*Your objective*
For the entries below, repeat exactly each line starting with the one that contains "p9 = place(p4, frame((4.6, 0.0, 0.0)))" and going on through the one that contains "p13 = place(p4, frame((34.45, 0.0, 0.0)))", and no others.

:::

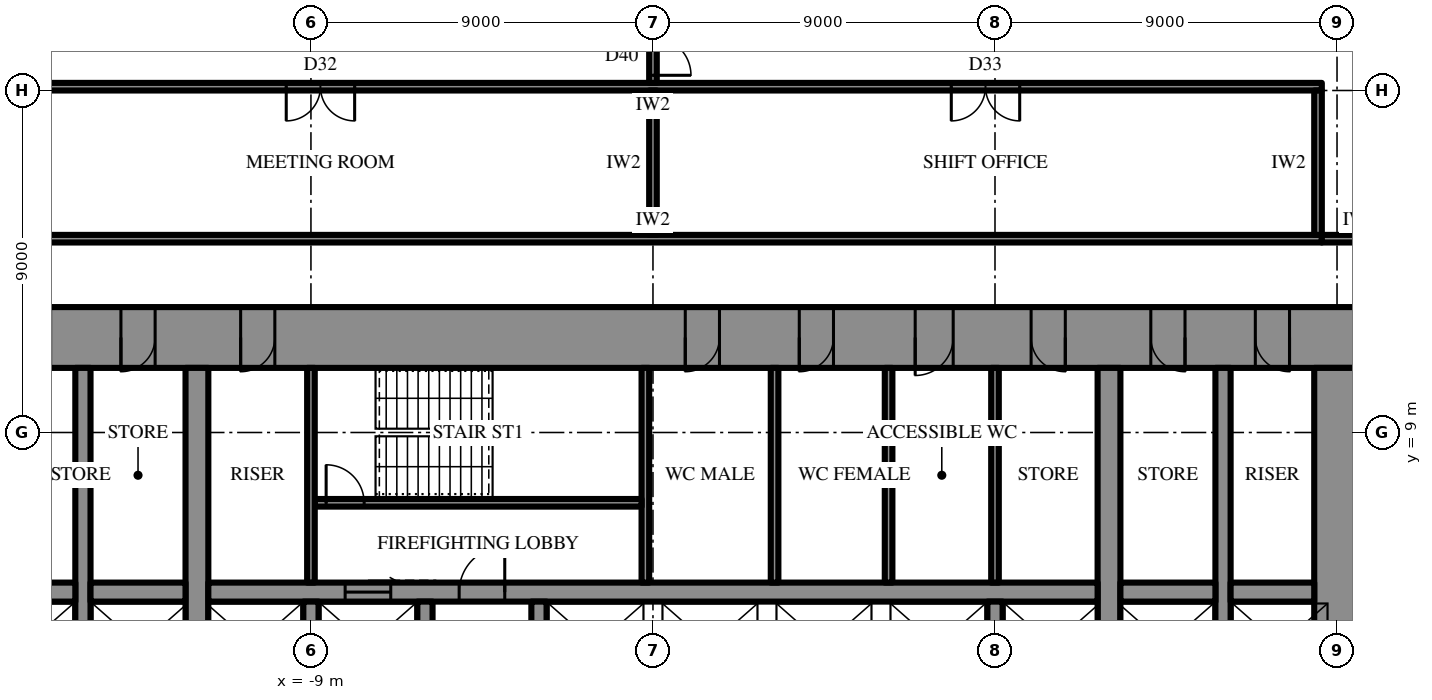
"""IFC4 building model, lengths in metres.
Left out: names, types, materials, properties, quantities, classifications, styles, units other than length and angle.
Written with IfcOpenShell. Run it as: python <this file> out.ifc"""

import sys

from ifc_helpers import new_model, si_unit, direction, frame, frame_2d, origin, place, context, subcontext, project, spatial, rectangle, extrude, element, fill, save


model = new_model("IFC4")
c1 = context("Model", 3, precision=1e-05, world=origin(), true_north=direction((0.0, 1.0)))
c2 = subcontext(c1, "Body", "Model", "MODEL_VIEW")
j1 = project(units=[si_unit("LENGTHUNIT", "METRE"), si_unit("PLANEANGLEUNIT", "RADIAN")], contexts=[c1])
p1 = place(None, origin())
s1 = spatial("IfcSite", under=j1, at=p1, CompositionType="ELEMENT")
p2 = place(p1, origin())
s2 = spatial("IfcBuilding", under=s1, at=p2, CompositionType="ELEMENT")
p3 = place(p2, frame((0.0, 0.0, 31.9)))
s3 = spatial("IfcBuildingStorey", under=s2, at=p3, CompositionType="ELEMENT", Elevation=31.9)
p4 = place(p3, frame((-18.6, 11.5, 0.0), z_axis=(0.0, 0.0, 1.0), x_axis=(1.0, 0.0, 0.0)))
e1 = element("IfcWall", 1, at=p4, inside=s3, PredefinedType="SHEAR", context=c2, shape_type="SweptSolid", body=[
    extrude(rectangle(XDim=37.2, YDim=1.6, at=frame_2d((18.6, 0.0))), origin(), (0.0, 0.0, 1.0), 4.2),
])
p5 = place(p4, frame((19.45, 0.0, 0.0)))
e2 = element("IfcOpeningElement", 2, at=p5, cuts=e1, PredefinedType="OPENING", context=c2, shape_type="SweptSolid", body=[
    extrude(rectangle(XDim=0.9, YDim=2.2, at=frame_2d((0.45, 1.1))), frame((0.0, 0.81, 0.0), z_axis=(0.0, -1.0, 0.0), x_axis=(1.0, 0.0, 0.0)), (0.0, 0.0, 1.0), 1.62),
])
p6 = place(p4, frame((22.45, 0.0, 0.0)))
e3 = element("IfcOpeningElement", 3, at=p6, cuts=e1, PredefinedType="OPENING", context=c2, shape_type="SweptSolid", body=[
    extrude(rectangle(XDim=0.9, YDim=2.2, at=frame_2d((0.45, 1.1))), frame((0.0, 0.81, 0.0), z_axis=(0.0, -1.0, 0.0), x_axis=(1.0, 0.0, 0.0)), (0.0, 0.0, 1.0), 1.62),
])
p7 = place(p4, frame((25.5, 0.0, 0.0)))
e4 = element("IfcOpeningElement", 4, at=p7, cuts=e1, PredefinedType="OPENING", context=c2, shape_type="SweptSolid", body=[
    extrude(rectangle(XDim=1.0, YDim=2.2, at=frame_2d((0.5, 1.1))), frame((0.0, 0.81, 0.0), z_axis=(0.0, -1.0, 0.0), x_axis=(1.0, 0.0, 0.0)), (0.0, 0.0, 1.0), 1.62),
])
p8 = place(p4, frame((1.85, 0.0, 0.0)))
e5 = element("IfcOpeningElement", 5, at=p8, cuts=e1, PredefinedType="OPENING", context=c2, shape_type="SweptSolid", body=[
    extrude(rectangle(XDim=0.9, YDim=2.2, at=frame_2d((0.45, 1.1))), frame((0.0, 0.81, 0.0), z_axis=(0.0, -1.0, 0.0), x_axis=(1.0, 0.0, 0.0)), (0.0, 0.0, 1.0), 1.62),
])
p9 = place(p4, frame((4.6, 0.0, 0.0)))
e6 = element("IfcOpeningElement", 6, at=p9, cuts=e1, PredefinedType="OPENING", context=c2, shape_type="SweptSolid", body=[
    extrude(rectangle(XDim=0.9, YDim=2.2, at=frame_2d((0.45, 1.1))), frame((0.0, 0.81, 0.0), z_axis=(0.0, -1.0, 0.0), x_axis=(1.0, 0.0, 0.0)), (0.0, 0.0, 1.0), 1.62),
])
p10 = place(p4, frame((7.75, 0.0, 0.0)))
e7 = element("IfcOpeningElement", 7, at=p10, cuts=e1, PredefinedType="OPENING", context=c2, shape_type="SweptSolid", body=[
    extrude(rectangle(XDim=0.9, YDim=2.2, at=frame_2d((0.45, 1.1))), frame((0.0, 0.81, 0.0), z_axis=(0.0, -1.0, 0.0), x_axis=(1.0, 0.0, 0.0)), (0.0, 0.0, 1.0), 1.62),
])
p11 = place(p4, frame((28.55, 0.0, 0.0)))
e8 = element("IfcOpeningElement", 8, at=p11, cuts=e1, PredefinedType="OPENING", context=c2, shape_type="SweptSolid", body=[
    extrude(rectangle(XDim=0.9, YDim=2.2, at=frame_2d((0.45, 1.1))), frame((0.0, 0.81, 0.0), z_axis=(0.0, -1.0, 0.0), x_axis=(1.0, 0.0, 0.0)), (0.0, 0.0, 1.0), 1.62),
])
p12 = place(p4, frame((31.7, 0.0, 0.0)))
e9 = element("IfcOpeningElement", 9, at=p12, cuts=e1, PredefinedType="OPENING", context=c2, shape_type="SweptSolid", body=[
    extrude(rectangle(XDim=0.9, YDim=2.2, at=frame_2d((0.45, 1.1))), frame((0.0, 0.81, 0.0), z_axis=(0.0, -1.0, 0.0), x_axis=(1.0, 0.0, 0.0)), (0.0, 0.0, 1.0), 1.62),
])
p13 = place(p4, frame((34.45, 0.0, 0.0)))
e10 = element("IfcOpeningElement", 10, at=p13, cuts=e1, PredefinedType="OPENING", context=c2, shape_type="SweptSolid", body=[
    extrude(rectangle(XDim=0.9, YDim=2.2, at=frame_2d((0.45, 1.1))), frame((0.0, 0.81, 0.0), z_axis=(0.0, -1.0, 0.0), x_axis=(1.0, 0.0, 0.0)), (0.0, 0.0, 1.0), 1.62),
])
p14 = place(p3, frame((18.0, -10.7, 0.0), z_axis=(0.0, 0.0, 1.0), x_axis=(0.0, 1.0, 0.0)))
e11 = element("IfcWall", 11, at=p14, inside=s3, PredefinedType="SHEAR", context=c2, shape_type="SweptSolid", body=[
    extrude(rectangle(XDim=21.4, YDim=1.2, at=frame_2d((10.7, 0.0))), origin(), (0.0, 0.0, 1.0), 4.2),
])
p15 = place(p14, frame((9.8, 0.0, 0.0)))
e12 = element("IfcOpeningElement", 12, at=p15, cuts=e11, PredefinedType="OPENING", context=c2, shape_type="SweptSolid", body=[
    extrude(rectangle(XDim=1.8, YDim=2.4, at=frame_2d((0.9, 1.2))), frame((0.0, 0.61, 0.0), z_axis=(0.0, -1.0, 0.0), x_axis=(1.0, 0.0, 0.0)), (0.0, 0.0, 1.0), 1.22),
])
p16 = place(p3, frame((12.0, -10.7, 0.0), z_axis=(0.0, 0.0, 1.0), x_axis=(0.0, 1.0, 0.0)))
e13 = element("IfcWall", 13, at=p16, inside=s3, PredefinedType="SHEAR", context=c2, shape_type="SweptSolid", body=[
    extrude(rectangle(XDim=21.4, YDim=0.6, at=frame_2d((10.7, 0.0))), origin(), (0.0, 0.0, 1.0), 4.2),
])
p17 = place(p16, frame((9.8, 0.0, 0.0)))
e14 = element("IfcOpeningElement", 14, at=p17, cuts=e13, PredefinedType="OPENING", context=c2, shape_type="SweptSolid", body=[
    extrude(rectangle(XDim=1.8, YDim=2.4, at=frame_2d((0.9, 1.2))), frame((0.0, 0.31, 0.0), z_axis=(0.0, -1.0, 0.0), x_axis=(1.0, 0.0, 0.0)), (0.0, 0.0, 1.0), 0.62),
])
p18 = place(p3, frame((-12.0, -10.7, 0.0), z_axis=(0.0, 0.0, 1.0), x_axis=(0.0, 1.0, 0.0)))
e15 = element("IfcWall", 15, at=p18, inside=s3, PredefinedType="SHEAR", context=c2, shape_type="SweptSolid", body=[
    extrude(rectangle(XDim=21.4, YDim=0.6, at=frame_2d((10.7, 0.0))), origin(), (0.0, 0.0, 1.0), 4.2),
])
p19 = place(p18, frame((9.8, 0.0, 0.0)))
e16 = element("IfcOpeningElement", 16, at=p19, cuts=e15, PredefinedType="OPENING", context=c2, shape_type="SweptSolid", body=[
    extrude(rectangle(XDim=1.8, YDim=2.4, at=frame_2d((0.9, 1.2))), frame((0.0, 0.31, 0.0), z_axis=(0.0, -1.0, 0.0), x_axis=(1.0, 0.0, 0.0)), (0.0, 0.0, 1.0), 0.62),
])
p20 = place(p3, frame((15.0, -10.7, 0.0), z_axis=(0.0, 0.0, 1.0), x_axis=(0.0, 1.0, 0.0)))
e17 = element("IfcWall", 17, at=p20, inside=s3, PredefinedType="SHEAR", context=c2, shape_type="SweptSolid", body=[
    extrude(rectangle(XDim=21.4, YDim=0.4, at=frame_2d((10.7, 0.0))), origin(), (0.0, 0.0, 1.0), 4.2),
])
p21 = place(p20, frame((9.8, 0.0, 0.0)))
e18 = element("IfcOpeningElement", 18, at=p21, cuts=e17, PredefinedType="OPENING", context=c2, shape_type="SweptSolid", body=[
    extrude(rectangle(XDim=1.8, YDim=2.4, at=frame_2d((0.9, 1.2))), frame((0.0, 0.21, 0.0), z_axis=(0.0, -1.0, 0.0), x_axis=(1.0, 0.0, 0.0)), (0.0, 0.0, 1.0), 0.42),
])
p22 = place(p3, frame((-15.0, -10.7, 0.0), z_axis=(0.0, 0.0, 1.0), x_axis=(0.0, 1.0, 0.0)))
e19 = element("IfcWall", 19, at=p22, inside=s3, PredefinedType="SHEAR", context=c2, shape_type="SweptSolid", body=[
    extrude(rectangle(XDim=21.4, YDim=0.4, at=frame_2d((10.7, 0.0))), origin(), (0.0, 0.0, 1.0), 4.2),
])
p23 = place(p22, frame((9.8, 0.0, 0.0)))
e20 = element("IfcOpeningElement", 20, at=p23, cuts=e19, PredefinedType="OPENING", context=c2, shape_type="SweptSolid", body=[
    extrude(rectangle(XDim=1.8, YDim=2.4, at=frame_2d((0.9, 1.2))), frame((0.0, 0.21, 0.0), z_axis=(0.0, -1.0, 0.0), x_axis=(1.0, 0.0, 0.0)), (0.0, 0.0, 1.0), 0.42),
])
p24 = place(p3, frame((-17.4, 4.8, 0.0), z_axis=(0.0, 0.0, 1.0), x_axis=(1.0, 0.0, 0.0)))
e21 = element("IfcWall", 21, at=p24, inside=s3, PredefinedType="SHEAR", context=c2, shape_type="SweptSolid", body=[
    extrude(rectangle(XDim=2.2, YDim=0.5, at=frame_2d((1.1, 0.0))), origin(), (0.0, 0.0, 1.0), 4.2),
])
p25 = place(p3, frame((-14.8, 4.8, 0.0), z_axis=(0.0, 0.0, 1.0), x_axis=(1.0, 0.0, 0.0)))
e22 = element("IfcWall", 22, at=p25, inside=s3, PredefinedType="SHEAR", context=c2, shape_type="SweptSolid", body=[
    extrude(rectangle(XDim=2.5, YDim=0.5, at=frame_2d((1.25, 0.0))), origin(), (0.0, 0.0, 1.0), 4.2),
])
p26 = place(p3, frame((-11.7, 4.8, 0.0), z_axis=(0.0, 0.0, 1.0), x_axis=(1.0, 0.0, 0.0)))
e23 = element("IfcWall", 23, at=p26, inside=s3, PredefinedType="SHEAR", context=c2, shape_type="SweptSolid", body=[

:::

*Exercise response*
p9 = place(p4, frame((4.6, 0.0, 0.0)))
e6 = element("IfcOpeningElement", 6, at=p9, cuts=e1, PredefinedType="OPENING", context=c2, shape_type="SweptSolid", body=[
    extrude(rectangle(XDim=0.9, YDim=2.2, at=frame_2d((0.45, 1.1))), frame((0.0, 0.81, 0.0), z_axis=(0.0, -1.0, 0.0), x_axis=(1.0, 0.0, 0.0)), (0.0, 0.0, 1.0), 1.62),
])
p10 = place(p4, frame((7.75, 0.0, 0.0)))
e7 = element("IfcOpeningElement", 7, at=p10, cuts=e1, PredefinedType="OPENING", context=c2, shape_type="SweptSolid", body=[
    extrude(rectangle(XDim=0.9, YDim=2.2, at=frame_2d((0.45, 1.1))), frame((0.0, 0.81, 0.0), z_axis=(0.0, -1.0, 0.0), x_axis=(1.0, 0.0, 0.0)), (0.0, 0.0, 1.0), 1.62),
])
p11 = place(p4, frame((28.55, 0.0, 0.0)))
e8 = element("IfcOpeningElement", 8, at=p11, cuts=e1, PredefinedType="OPENING", context=c2, shape_type="SweptSolid", body=[
    extrude(rectangle(XDim=0.9, YDim=2.2, at=frame_2d((0.45, 1.1))), frame((0.0, 0.81, 0.0), z_axis=(0.0, -1.0, 0.0), x_axis=(1.0, 0.0, 0.0)), (0.0, 0.0, 1.0), 1.62),
])
p12 = place(p4, frame((31.7, 0.0, 0.0)))
e9 = element("IfcOpeningElement", 9, at=p12, cuts=e1, PredefinedType="OPENING", context=c2, shape_type="SweptSolid", body=[
    extrude(rectangle(XDim=0.9, YDim=2.2, at=frame_2d((0.45, 1.1))), frame((0.0, 0.81, 0.0), z_axis=(0.0, -1.0, 0.0), x_axis=(1.0, 0.0, 0.0)), (0.0, 0.0, 1.0), 1.62),
])
p13 = place(p4, frame((34.45, 0.0, 0.0)))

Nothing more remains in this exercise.